Scan the records and identify every line in which the string "ezdxf" occurs, then return those lines.

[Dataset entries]
-- -- --

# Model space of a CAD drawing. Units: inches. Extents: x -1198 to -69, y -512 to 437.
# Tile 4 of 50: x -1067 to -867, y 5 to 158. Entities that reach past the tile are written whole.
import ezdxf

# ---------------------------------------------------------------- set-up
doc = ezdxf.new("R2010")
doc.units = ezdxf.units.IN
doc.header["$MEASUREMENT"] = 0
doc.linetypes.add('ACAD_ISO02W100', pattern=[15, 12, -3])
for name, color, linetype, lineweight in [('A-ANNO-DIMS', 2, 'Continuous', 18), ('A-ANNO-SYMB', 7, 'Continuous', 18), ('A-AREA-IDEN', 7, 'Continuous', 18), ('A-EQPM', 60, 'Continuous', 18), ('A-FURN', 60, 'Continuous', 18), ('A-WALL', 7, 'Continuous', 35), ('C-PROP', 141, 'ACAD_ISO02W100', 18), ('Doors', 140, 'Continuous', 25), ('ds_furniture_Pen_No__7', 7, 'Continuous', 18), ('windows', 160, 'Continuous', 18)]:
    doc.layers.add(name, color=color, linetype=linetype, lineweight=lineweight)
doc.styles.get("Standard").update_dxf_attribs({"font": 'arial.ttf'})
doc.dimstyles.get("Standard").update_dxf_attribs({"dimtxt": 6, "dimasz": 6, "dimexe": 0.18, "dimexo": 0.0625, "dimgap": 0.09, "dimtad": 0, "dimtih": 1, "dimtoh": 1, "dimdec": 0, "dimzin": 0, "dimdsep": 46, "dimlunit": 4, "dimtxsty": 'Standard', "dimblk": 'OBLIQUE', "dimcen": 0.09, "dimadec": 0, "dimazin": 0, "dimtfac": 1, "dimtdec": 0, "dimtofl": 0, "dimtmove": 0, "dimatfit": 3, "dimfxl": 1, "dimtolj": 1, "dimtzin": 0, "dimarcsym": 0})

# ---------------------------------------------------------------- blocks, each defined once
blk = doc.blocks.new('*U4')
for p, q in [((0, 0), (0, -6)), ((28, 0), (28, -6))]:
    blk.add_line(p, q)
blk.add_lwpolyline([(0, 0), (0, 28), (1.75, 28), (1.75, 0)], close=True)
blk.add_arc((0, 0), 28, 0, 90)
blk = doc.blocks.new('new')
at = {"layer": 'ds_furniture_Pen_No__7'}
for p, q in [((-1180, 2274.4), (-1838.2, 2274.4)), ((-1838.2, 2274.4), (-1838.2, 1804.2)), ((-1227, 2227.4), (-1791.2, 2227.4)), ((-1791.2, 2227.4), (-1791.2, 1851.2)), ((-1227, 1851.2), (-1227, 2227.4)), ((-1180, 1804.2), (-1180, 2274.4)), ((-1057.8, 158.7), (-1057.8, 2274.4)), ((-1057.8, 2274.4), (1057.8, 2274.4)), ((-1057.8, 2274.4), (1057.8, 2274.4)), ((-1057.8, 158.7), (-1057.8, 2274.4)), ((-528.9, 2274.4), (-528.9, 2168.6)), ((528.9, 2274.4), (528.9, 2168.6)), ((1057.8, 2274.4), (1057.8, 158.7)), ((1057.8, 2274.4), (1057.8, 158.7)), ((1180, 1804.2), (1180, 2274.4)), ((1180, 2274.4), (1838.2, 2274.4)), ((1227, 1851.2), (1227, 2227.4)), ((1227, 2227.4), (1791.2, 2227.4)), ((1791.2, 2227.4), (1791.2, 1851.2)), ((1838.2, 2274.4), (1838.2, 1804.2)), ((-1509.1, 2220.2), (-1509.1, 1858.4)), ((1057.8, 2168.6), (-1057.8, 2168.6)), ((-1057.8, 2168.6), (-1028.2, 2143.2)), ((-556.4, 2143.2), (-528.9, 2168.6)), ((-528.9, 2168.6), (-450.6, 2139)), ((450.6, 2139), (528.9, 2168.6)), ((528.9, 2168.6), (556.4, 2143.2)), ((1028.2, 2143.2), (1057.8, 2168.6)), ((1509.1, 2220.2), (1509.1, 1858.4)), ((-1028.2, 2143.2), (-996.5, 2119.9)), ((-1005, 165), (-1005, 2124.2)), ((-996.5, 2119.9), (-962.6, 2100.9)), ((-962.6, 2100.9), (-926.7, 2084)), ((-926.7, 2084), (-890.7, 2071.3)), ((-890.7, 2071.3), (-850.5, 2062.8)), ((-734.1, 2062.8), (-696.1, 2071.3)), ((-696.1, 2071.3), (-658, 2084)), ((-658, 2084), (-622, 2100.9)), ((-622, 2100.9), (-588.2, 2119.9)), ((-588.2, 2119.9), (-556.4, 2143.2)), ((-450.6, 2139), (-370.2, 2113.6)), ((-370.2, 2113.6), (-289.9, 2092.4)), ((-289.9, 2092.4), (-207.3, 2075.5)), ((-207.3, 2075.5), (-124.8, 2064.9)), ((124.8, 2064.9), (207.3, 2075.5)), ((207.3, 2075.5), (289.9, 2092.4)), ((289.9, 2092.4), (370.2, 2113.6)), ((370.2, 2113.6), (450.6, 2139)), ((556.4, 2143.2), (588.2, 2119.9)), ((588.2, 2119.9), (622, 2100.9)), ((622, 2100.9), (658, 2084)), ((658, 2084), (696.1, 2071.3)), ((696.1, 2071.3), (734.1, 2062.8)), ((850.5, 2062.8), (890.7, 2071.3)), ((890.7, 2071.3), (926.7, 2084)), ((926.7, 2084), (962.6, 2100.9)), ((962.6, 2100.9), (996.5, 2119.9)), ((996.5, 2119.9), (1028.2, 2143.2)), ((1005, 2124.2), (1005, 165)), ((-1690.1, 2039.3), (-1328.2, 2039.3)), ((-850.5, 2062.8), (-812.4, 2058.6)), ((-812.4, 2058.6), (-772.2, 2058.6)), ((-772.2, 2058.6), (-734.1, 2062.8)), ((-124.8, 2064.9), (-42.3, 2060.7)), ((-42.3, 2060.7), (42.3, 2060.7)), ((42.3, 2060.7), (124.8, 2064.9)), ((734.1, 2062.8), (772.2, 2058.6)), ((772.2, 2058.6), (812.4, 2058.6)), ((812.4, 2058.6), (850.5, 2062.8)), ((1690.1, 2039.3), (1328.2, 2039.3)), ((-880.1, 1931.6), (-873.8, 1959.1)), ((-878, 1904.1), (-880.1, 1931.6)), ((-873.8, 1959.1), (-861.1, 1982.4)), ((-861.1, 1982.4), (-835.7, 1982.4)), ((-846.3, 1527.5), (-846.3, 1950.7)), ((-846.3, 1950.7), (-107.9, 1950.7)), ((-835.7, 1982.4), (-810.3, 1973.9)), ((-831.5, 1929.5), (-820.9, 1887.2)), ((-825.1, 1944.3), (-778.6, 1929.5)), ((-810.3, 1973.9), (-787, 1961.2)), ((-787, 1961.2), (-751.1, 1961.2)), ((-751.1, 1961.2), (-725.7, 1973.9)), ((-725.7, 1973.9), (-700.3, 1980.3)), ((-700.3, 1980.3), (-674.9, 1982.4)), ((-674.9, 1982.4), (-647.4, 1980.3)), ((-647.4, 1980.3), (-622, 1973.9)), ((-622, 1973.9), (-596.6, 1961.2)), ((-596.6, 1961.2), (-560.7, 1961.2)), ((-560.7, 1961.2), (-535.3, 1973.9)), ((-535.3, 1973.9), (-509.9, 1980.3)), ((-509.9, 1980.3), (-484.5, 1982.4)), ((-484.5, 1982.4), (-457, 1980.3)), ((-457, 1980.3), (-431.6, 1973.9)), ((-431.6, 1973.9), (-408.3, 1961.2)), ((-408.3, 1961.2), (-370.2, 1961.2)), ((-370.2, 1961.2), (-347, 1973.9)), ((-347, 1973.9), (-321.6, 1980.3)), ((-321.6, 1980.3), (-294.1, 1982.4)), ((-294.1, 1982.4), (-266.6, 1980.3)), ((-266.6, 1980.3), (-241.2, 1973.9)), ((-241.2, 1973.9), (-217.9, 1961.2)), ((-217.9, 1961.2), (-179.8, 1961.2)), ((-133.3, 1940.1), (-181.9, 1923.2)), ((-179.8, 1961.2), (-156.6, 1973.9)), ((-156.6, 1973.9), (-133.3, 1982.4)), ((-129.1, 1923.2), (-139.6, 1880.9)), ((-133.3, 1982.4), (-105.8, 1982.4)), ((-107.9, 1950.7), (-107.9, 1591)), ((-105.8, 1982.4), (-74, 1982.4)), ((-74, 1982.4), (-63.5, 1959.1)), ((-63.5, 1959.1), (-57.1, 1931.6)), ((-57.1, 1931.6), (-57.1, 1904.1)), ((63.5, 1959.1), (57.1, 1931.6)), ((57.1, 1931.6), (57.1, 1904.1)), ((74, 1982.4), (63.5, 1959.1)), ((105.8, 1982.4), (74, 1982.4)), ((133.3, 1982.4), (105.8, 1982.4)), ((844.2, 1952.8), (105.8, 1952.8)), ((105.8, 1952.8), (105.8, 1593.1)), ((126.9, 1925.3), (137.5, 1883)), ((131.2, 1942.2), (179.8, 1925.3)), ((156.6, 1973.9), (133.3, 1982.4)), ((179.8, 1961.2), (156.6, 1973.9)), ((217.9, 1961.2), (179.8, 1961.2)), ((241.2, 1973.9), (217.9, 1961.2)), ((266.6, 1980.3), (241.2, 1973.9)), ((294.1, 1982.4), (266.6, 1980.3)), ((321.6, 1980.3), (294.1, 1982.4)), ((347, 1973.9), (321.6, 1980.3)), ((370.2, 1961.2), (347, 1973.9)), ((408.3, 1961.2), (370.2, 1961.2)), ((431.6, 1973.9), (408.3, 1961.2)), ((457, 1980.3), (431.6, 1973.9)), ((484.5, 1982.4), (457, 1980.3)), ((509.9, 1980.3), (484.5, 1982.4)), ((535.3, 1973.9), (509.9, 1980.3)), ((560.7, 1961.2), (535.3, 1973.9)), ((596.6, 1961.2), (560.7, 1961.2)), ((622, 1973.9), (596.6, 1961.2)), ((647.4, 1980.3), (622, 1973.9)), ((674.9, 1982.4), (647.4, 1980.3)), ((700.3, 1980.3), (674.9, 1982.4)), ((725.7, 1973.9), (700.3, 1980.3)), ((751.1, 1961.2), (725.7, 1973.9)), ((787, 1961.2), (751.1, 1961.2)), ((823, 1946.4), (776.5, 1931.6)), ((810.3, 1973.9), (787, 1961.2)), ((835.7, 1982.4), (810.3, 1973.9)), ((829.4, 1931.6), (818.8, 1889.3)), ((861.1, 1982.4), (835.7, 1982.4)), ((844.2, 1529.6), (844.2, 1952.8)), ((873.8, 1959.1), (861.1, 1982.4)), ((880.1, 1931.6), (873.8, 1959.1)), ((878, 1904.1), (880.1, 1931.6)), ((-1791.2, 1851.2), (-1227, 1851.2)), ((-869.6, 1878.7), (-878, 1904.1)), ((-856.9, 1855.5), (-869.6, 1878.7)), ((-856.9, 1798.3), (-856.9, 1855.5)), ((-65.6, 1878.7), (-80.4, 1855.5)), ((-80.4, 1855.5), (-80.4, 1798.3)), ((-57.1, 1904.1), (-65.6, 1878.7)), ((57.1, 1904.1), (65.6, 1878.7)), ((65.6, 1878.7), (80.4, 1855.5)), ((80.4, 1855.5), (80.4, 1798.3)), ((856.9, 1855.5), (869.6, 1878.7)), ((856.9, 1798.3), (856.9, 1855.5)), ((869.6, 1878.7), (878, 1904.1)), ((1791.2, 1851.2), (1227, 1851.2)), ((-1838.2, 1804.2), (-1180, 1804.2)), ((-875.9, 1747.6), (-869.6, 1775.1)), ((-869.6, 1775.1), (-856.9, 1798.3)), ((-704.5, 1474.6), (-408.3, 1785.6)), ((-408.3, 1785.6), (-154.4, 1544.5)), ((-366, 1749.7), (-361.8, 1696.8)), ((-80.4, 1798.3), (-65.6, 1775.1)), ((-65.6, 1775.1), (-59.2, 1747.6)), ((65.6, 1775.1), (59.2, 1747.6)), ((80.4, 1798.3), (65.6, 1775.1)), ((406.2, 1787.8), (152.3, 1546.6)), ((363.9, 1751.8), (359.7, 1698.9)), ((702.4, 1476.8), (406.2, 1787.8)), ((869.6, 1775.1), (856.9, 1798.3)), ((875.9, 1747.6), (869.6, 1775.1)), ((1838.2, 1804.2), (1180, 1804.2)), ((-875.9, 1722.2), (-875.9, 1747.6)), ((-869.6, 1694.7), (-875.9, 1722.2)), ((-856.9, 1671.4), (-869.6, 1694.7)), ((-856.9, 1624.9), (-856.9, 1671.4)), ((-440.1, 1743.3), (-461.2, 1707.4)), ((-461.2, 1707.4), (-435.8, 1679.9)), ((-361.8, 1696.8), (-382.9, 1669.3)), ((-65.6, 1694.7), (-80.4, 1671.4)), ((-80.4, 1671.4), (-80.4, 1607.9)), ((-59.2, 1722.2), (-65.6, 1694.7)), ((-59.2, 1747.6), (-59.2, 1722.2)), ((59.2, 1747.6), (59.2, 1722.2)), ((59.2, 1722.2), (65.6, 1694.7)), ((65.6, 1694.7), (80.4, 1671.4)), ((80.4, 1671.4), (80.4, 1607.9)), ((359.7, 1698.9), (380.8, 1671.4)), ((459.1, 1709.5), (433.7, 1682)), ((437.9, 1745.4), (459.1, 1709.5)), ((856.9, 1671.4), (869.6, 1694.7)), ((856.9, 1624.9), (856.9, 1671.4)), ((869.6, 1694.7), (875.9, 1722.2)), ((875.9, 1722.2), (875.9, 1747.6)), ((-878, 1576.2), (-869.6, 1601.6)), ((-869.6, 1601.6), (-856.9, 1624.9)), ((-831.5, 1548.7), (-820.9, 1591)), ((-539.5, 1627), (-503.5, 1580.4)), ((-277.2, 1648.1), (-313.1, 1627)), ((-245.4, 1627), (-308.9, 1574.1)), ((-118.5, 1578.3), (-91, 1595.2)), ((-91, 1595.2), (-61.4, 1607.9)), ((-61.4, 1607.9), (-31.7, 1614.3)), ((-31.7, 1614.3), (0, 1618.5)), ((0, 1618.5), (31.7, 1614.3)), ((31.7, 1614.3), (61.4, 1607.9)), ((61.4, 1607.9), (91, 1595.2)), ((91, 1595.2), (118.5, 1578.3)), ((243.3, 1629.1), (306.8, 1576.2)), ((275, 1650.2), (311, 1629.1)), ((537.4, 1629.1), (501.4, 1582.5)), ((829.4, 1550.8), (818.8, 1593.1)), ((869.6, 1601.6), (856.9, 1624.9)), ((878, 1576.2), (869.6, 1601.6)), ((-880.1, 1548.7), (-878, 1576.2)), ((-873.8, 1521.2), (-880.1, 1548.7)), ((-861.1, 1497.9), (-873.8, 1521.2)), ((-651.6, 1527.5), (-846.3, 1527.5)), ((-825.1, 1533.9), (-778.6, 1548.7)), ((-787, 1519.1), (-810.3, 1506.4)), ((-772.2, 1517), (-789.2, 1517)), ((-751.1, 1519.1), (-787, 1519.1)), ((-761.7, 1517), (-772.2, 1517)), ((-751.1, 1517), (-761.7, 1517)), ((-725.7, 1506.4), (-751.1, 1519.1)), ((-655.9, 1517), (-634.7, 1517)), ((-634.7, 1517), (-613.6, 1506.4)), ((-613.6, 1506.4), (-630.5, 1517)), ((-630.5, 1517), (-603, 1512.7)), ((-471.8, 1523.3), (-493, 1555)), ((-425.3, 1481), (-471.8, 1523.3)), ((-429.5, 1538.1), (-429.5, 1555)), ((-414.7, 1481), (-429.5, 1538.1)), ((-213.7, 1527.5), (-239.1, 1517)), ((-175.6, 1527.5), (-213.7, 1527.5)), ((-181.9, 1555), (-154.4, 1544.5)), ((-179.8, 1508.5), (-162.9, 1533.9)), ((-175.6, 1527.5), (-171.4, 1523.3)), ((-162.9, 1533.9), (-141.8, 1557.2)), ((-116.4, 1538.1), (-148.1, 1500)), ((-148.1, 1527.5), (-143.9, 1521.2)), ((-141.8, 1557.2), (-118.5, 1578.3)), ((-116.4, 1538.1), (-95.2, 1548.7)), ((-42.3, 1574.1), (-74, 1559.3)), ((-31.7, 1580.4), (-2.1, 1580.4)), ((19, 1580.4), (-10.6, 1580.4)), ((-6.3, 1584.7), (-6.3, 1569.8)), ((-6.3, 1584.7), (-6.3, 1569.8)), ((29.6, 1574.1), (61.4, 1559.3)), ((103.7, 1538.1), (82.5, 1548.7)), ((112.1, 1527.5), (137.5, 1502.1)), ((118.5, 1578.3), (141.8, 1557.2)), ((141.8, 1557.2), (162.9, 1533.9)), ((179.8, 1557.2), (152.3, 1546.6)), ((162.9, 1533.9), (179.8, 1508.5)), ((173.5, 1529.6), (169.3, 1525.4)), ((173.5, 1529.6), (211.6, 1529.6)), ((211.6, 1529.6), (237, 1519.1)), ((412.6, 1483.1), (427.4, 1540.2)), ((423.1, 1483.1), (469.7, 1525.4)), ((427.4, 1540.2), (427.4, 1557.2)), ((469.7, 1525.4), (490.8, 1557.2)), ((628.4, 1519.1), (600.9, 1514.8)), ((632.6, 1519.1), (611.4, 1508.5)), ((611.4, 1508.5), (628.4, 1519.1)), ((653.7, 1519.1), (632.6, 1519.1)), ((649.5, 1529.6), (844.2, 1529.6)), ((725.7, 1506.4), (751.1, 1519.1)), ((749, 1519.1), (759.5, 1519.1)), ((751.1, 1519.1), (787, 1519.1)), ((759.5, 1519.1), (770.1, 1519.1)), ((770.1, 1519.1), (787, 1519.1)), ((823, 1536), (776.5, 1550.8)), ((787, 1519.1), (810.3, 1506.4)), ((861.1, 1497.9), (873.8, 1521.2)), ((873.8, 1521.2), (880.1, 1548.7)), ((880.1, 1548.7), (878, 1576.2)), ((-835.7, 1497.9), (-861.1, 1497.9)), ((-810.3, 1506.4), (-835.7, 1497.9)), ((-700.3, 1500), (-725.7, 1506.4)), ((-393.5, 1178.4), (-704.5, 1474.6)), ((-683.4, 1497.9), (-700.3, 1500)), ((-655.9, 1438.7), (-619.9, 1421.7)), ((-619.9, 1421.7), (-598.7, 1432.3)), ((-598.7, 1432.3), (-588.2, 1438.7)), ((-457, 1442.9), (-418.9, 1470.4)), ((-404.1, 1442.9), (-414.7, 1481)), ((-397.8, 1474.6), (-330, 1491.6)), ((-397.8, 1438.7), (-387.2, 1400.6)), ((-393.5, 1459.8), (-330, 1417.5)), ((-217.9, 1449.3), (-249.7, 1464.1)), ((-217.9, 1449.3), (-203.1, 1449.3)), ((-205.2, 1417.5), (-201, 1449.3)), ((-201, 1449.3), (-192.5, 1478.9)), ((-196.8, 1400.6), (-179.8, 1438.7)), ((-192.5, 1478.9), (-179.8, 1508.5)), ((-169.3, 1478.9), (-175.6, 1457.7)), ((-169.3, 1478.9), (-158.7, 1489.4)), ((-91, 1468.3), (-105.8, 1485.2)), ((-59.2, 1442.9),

-- -- --

● Response to the task:
import ezdxf
doc = ezdxf.new("R2010")
doc.units = ezdxf.units.IN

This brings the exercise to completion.